Collection entries
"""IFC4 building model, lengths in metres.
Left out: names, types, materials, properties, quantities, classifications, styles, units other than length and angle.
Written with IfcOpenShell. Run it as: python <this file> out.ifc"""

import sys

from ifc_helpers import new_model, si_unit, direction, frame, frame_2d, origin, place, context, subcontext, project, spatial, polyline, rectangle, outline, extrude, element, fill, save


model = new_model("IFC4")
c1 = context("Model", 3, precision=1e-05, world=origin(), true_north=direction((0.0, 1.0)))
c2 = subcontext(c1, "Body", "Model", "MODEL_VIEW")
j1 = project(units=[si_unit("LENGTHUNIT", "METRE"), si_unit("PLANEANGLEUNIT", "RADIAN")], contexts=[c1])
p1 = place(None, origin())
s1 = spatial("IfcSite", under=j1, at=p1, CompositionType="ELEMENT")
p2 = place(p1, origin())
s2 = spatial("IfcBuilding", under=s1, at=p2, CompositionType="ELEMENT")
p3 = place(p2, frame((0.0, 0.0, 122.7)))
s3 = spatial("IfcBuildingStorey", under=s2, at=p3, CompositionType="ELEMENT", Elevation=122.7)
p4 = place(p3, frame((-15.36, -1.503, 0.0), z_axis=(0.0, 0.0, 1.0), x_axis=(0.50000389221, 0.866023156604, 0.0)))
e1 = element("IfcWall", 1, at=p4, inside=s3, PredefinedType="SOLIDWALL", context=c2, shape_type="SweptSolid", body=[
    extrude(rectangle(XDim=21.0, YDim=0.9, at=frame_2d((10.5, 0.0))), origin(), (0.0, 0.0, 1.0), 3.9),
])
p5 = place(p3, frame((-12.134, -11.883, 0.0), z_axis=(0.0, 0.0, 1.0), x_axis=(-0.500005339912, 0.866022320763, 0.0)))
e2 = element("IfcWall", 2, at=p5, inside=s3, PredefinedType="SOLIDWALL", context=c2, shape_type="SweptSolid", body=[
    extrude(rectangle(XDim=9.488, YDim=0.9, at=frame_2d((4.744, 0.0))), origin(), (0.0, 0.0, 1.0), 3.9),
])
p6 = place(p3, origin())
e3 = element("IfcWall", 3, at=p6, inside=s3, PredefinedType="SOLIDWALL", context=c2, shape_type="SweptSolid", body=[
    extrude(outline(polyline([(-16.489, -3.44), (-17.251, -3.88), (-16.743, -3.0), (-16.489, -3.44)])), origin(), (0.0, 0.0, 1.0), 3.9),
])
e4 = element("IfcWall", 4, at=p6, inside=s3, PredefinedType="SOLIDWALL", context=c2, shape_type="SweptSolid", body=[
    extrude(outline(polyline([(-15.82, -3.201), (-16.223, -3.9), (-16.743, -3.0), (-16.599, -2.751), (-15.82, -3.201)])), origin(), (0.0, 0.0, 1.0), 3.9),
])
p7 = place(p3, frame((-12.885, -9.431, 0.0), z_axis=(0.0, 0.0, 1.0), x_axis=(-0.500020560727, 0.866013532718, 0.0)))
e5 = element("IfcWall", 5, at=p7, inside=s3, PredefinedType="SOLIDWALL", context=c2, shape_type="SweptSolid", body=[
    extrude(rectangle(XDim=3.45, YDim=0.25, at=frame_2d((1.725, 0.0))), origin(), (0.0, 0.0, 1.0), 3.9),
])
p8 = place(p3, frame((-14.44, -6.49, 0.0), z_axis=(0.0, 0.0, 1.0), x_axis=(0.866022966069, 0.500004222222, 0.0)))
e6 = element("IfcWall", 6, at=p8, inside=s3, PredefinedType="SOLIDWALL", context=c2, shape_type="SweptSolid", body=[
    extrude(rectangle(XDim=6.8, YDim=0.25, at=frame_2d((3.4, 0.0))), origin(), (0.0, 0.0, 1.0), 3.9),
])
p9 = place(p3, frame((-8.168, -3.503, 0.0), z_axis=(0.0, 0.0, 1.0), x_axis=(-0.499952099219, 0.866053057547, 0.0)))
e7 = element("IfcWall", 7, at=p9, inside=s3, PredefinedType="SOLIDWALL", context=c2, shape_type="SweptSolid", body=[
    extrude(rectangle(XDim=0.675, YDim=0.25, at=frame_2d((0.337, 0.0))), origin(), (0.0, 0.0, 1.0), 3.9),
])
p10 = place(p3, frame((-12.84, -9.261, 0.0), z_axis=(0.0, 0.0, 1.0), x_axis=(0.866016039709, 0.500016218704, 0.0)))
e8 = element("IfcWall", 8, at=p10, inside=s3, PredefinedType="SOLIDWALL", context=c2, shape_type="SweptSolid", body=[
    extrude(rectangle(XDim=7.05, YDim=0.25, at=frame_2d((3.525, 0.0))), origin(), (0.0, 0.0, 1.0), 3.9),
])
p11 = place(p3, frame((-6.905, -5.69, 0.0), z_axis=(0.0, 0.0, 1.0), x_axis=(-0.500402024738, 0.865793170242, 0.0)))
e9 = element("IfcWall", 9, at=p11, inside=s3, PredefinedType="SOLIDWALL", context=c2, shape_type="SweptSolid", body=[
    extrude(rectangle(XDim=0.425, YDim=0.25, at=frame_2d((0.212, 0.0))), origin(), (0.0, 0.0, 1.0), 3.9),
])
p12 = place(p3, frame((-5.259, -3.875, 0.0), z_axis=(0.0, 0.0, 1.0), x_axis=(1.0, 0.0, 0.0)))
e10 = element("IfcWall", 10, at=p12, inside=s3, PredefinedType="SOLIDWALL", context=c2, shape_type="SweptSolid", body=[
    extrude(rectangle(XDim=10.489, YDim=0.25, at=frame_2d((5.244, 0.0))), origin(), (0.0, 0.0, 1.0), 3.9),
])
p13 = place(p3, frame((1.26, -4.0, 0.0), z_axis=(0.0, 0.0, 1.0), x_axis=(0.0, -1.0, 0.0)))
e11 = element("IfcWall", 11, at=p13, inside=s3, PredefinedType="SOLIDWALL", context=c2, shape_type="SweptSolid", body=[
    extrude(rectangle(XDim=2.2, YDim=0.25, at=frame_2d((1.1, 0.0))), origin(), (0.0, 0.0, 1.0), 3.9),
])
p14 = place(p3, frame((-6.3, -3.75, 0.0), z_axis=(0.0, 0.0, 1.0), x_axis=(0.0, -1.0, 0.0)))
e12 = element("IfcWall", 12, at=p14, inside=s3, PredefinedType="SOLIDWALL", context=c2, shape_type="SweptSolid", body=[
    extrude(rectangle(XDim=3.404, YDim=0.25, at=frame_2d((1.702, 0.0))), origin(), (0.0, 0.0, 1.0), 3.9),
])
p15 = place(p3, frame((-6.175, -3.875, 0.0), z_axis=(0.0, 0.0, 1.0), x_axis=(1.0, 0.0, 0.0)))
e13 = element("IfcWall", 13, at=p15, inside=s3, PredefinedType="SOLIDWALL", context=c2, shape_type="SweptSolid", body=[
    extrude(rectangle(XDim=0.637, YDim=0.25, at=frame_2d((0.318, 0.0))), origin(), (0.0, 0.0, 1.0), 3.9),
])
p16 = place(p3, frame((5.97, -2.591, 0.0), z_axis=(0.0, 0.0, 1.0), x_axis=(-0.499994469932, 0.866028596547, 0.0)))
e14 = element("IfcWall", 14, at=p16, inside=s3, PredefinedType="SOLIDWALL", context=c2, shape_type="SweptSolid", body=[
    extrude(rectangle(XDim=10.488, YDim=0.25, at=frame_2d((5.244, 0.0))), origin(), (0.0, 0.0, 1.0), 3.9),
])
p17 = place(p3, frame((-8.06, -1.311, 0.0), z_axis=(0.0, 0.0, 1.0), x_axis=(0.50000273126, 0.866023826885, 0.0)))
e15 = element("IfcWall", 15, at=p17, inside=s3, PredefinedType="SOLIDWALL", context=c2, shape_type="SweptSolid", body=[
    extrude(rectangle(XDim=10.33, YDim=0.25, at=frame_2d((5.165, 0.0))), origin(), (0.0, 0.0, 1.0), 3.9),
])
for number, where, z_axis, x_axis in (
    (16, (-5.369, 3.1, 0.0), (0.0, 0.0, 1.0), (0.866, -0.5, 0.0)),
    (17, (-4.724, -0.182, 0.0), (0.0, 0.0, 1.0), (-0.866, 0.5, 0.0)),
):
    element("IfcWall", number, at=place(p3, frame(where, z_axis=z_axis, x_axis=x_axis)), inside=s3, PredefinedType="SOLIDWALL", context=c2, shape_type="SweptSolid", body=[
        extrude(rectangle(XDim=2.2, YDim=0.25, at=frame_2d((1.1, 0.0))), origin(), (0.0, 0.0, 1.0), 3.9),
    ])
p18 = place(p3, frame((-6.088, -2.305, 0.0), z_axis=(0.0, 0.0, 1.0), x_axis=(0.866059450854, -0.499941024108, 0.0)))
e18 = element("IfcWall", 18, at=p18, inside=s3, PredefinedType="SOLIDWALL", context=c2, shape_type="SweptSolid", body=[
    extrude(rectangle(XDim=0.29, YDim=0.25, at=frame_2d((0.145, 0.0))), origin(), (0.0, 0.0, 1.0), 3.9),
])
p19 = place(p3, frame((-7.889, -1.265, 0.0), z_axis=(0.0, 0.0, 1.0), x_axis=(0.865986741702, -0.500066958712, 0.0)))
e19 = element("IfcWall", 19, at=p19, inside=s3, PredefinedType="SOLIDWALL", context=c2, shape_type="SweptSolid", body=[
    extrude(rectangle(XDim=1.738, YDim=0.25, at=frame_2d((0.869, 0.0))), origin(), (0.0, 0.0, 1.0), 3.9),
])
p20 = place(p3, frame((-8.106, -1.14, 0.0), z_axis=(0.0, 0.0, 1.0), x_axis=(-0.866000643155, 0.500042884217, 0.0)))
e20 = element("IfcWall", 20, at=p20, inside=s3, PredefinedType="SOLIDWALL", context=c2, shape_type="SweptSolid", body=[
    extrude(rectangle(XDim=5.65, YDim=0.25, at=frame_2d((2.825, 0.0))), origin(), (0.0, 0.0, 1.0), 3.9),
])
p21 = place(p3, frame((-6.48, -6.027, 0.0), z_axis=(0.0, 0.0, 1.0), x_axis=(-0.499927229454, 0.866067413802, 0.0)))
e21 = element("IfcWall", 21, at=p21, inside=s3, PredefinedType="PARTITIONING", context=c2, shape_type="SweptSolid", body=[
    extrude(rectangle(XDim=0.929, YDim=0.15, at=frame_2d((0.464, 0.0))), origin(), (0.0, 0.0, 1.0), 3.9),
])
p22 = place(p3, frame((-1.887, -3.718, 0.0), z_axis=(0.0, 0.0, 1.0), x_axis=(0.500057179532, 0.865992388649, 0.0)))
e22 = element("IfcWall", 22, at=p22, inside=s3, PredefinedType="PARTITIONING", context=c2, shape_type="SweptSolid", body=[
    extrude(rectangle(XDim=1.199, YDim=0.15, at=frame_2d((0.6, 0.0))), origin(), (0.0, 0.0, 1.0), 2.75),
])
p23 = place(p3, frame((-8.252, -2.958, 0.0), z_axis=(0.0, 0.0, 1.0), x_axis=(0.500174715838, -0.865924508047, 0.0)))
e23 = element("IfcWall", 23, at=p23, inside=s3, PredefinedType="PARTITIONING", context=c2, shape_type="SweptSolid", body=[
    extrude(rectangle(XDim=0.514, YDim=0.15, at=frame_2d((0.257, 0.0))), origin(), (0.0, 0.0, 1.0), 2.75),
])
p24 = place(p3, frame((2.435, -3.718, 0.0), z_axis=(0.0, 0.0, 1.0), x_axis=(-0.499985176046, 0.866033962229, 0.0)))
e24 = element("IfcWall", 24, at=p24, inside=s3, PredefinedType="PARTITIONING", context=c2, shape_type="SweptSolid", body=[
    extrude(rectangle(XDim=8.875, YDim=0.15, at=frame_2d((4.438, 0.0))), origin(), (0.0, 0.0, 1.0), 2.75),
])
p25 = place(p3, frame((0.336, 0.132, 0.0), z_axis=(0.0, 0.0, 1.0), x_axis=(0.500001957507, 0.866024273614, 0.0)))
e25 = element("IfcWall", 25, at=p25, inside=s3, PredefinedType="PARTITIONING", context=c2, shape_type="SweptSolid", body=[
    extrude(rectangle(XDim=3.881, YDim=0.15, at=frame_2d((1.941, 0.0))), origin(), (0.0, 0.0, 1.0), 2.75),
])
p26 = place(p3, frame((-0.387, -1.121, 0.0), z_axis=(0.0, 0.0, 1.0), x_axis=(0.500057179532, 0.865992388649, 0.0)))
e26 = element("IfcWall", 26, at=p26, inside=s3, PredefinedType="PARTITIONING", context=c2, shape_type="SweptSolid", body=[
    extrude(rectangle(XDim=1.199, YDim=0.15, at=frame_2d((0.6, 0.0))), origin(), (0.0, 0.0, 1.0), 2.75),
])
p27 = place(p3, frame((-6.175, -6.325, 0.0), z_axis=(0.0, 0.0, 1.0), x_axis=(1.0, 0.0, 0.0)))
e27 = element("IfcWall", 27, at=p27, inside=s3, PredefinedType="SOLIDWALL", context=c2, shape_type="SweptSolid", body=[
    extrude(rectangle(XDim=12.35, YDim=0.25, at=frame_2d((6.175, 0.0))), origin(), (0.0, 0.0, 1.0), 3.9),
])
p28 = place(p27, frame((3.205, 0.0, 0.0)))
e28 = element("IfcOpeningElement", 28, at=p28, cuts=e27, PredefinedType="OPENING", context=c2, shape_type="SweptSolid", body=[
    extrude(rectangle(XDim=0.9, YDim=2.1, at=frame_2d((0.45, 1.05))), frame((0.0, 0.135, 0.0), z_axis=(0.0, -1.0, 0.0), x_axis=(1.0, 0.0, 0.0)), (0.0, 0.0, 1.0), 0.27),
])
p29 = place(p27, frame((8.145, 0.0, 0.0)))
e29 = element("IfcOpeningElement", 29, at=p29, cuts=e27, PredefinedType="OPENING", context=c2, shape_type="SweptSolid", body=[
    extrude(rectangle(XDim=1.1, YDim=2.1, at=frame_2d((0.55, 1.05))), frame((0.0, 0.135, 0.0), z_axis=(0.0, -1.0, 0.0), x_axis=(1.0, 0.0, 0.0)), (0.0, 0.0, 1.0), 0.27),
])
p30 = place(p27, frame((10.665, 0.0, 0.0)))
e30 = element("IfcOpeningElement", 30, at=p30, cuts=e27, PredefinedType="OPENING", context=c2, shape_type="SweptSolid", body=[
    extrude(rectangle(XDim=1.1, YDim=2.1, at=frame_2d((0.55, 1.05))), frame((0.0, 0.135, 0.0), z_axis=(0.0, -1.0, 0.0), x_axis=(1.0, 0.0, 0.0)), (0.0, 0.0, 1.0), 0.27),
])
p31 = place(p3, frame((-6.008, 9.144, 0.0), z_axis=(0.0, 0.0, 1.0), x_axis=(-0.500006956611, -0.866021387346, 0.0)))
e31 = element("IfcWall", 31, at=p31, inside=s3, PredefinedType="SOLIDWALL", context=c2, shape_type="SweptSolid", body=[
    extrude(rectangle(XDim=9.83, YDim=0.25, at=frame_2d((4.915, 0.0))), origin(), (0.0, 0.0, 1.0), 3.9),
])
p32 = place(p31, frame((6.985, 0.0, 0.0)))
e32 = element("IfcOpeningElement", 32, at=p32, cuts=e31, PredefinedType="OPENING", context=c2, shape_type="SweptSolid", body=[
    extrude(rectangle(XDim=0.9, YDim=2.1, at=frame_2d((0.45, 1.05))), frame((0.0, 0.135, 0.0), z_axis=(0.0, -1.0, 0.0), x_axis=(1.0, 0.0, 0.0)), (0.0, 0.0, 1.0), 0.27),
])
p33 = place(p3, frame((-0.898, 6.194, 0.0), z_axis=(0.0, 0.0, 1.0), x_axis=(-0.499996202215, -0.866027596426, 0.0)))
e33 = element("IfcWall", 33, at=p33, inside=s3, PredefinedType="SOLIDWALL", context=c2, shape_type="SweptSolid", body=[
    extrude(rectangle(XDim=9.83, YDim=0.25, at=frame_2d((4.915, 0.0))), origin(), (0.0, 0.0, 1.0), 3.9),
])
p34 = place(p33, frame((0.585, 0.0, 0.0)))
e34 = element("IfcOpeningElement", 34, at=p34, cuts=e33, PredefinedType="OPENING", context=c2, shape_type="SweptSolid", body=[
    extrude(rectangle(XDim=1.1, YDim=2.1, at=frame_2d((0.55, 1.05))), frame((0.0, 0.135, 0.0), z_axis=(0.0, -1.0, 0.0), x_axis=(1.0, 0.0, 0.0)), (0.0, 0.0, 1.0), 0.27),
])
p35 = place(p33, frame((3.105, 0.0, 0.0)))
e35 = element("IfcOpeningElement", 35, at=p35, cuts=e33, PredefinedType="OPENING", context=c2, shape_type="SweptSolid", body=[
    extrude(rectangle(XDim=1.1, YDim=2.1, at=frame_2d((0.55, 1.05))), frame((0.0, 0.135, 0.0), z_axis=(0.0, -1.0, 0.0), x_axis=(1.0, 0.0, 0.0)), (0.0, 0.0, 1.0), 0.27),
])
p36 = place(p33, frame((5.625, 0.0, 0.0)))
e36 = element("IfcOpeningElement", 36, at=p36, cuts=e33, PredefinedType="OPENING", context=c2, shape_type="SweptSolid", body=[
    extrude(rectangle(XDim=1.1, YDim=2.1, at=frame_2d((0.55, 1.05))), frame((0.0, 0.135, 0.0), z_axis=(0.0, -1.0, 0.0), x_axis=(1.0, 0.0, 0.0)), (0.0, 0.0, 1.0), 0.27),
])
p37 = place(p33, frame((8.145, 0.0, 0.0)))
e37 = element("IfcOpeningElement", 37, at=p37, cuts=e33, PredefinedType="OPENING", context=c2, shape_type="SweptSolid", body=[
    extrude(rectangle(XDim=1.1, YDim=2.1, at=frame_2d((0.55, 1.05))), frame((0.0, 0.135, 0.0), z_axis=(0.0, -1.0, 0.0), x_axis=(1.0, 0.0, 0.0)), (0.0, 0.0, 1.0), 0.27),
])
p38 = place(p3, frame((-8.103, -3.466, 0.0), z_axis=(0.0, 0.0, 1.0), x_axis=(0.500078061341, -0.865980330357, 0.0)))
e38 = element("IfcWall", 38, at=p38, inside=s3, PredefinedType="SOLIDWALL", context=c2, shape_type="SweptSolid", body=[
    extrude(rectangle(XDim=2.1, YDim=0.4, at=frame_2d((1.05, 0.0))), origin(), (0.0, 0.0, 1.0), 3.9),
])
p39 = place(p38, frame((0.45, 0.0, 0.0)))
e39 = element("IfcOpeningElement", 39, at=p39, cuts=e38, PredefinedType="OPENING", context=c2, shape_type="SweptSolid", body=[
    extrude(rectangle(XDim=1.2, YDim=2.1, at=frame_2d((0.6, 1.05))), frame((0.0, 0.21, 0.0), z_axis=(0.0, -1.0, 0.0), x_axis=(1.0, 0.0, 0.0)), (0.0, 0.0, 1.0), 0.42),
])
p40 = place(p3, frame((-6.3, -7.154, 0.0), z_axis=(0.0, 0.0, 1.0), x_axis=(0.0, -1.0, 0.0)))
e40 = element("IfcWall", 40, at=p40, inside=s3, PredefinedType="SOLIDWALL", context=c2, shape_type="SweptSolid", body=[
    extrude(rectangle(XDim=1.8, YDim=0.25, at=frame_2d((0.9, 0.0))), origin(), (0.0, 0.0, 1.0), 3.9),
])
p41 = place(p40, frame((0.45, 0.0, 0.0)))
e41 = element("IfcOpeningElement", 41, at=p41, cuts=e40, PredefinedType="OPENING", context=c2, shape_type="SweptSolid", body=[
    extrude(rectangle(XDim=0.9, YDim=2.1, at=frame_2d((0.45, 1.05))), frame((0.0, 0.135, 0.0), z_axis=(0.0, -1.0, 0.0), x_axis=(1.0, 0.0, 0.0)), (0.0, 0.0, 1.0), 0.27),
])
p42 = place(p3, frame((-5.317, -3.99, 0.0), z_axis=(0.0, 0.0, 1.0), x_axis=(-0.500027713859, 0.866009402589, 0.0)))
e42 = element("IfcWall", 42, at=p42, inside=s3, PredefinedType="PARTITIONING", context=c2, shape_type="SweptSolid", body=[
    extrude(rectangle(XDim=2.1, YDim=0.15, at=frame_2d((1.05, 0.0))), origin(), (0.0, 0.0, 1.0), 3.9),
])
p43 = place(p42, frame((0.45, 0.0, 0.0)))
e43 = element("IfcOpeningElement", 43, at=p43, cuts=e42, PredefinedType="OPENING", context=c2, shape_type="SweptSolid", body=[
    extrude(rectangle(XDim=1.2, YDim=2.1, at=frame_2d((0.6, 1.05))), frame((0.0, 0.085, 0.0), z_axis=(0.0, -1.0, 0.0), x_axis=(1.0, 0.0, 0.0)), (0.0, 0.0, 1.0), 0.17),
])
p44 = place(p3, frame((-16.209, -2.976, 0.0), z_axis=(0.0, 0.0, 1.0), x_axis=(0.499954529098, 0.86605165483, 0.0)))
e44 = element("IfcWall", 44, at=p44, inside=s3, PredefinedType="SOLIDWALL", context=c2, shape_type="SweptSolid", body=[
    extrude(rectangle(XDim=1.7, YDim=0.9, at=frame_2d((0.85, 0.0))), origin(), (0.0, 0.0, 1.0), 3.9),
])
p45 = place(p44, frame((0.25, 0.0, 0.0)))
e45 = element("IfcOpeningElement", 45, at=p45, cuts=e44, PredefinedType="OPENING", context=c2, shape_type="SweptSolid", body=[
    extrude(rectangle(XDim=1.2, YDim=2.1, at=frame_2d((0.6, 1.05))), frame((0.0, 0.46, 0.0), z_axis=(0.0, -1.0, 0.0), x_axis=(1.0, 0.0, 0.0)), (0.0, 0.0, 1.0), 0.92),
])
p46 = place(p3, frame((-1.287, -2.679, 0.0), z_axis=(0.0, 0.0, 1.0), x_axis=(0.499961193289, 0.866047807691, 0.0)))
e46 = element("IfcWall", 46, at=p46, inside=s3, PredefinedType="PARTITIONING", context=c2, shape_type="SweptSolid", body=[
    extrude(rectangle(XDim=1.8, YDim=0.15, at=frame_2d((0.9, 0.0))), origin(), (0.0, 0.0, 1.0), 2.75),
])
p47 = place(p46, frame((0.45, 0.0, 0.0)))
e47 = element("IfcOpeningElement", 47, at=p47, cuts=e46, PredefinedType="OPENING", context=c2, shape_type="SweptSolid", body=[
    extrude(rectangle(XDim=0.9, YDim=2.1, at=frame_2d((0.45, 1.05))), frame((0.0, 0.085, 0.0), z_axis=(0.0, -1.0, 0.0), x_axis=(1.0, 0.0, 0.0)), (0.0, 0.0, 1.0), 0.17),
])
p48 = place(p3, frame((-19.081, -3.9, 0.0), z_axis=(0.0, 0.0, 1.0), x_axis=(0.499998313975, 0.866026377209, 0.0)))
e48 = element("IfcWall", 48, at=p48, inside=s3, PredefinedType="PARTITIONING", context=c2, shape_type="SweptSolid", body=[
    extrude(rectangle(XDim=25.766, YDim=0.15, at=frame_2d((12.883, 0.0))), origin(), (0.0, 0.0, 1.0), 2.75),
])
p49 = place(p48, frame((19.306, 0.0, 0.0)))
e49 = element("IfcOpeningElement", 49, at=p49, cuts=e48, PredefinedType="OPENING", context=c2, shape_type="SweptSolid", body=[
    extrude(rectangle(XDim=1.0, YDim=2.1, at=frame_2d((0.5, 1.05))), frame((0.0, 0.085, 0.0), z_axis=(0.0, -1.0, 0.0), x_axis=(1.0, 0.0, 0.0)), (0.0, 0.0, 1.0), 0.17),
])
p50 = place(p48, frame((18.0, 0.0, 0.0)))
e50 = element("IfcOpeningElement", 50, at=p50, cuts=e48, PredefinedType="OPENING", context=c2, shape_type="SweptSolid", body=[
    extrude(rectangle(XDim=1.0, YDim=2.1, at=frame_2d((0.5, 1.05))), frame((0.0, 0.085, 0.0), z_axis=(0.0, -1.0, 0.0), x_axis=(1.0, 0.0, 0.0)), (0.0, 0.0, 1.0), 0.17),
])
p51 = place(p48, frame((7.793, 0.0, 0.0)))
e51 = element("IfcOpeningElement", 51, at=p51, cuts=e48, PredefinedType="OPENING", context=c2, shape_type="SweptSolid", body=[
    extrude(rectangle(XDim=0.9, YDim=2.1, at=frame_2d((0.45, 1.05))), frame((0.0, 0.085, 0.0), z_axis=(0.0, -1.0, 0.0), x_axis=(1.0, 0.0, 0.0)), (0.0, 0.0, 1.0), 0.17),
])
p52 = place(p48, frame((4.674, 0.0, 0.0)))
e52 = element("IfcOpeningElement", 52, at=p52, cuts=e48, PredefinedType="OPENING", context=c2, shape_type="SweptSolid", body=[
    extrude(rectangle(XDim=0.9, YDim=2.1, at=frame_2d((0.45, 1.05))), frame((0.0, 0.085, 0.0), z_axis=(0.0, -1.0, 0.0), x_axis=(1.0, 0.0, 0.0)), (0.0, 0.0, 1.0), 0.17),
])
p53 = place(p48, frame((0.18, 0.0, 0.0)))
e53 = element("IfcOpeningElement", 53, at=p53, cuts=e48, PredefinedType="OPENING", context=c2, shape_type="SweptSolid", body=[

**ABOUT THIS TASK**
Wherever a line in the data above contains the word "units", copy that line.

**RESPONSE TO THE TASK**
Left out: names, types, materials, properties, quantities, classifications, styles, units other than length and angle.
j1 = project(units=[si_unit("LENGTHUNIT", "METRE"), si_unit("PLANEANGLEUNIT", "RADIAN")], contexts=[c1])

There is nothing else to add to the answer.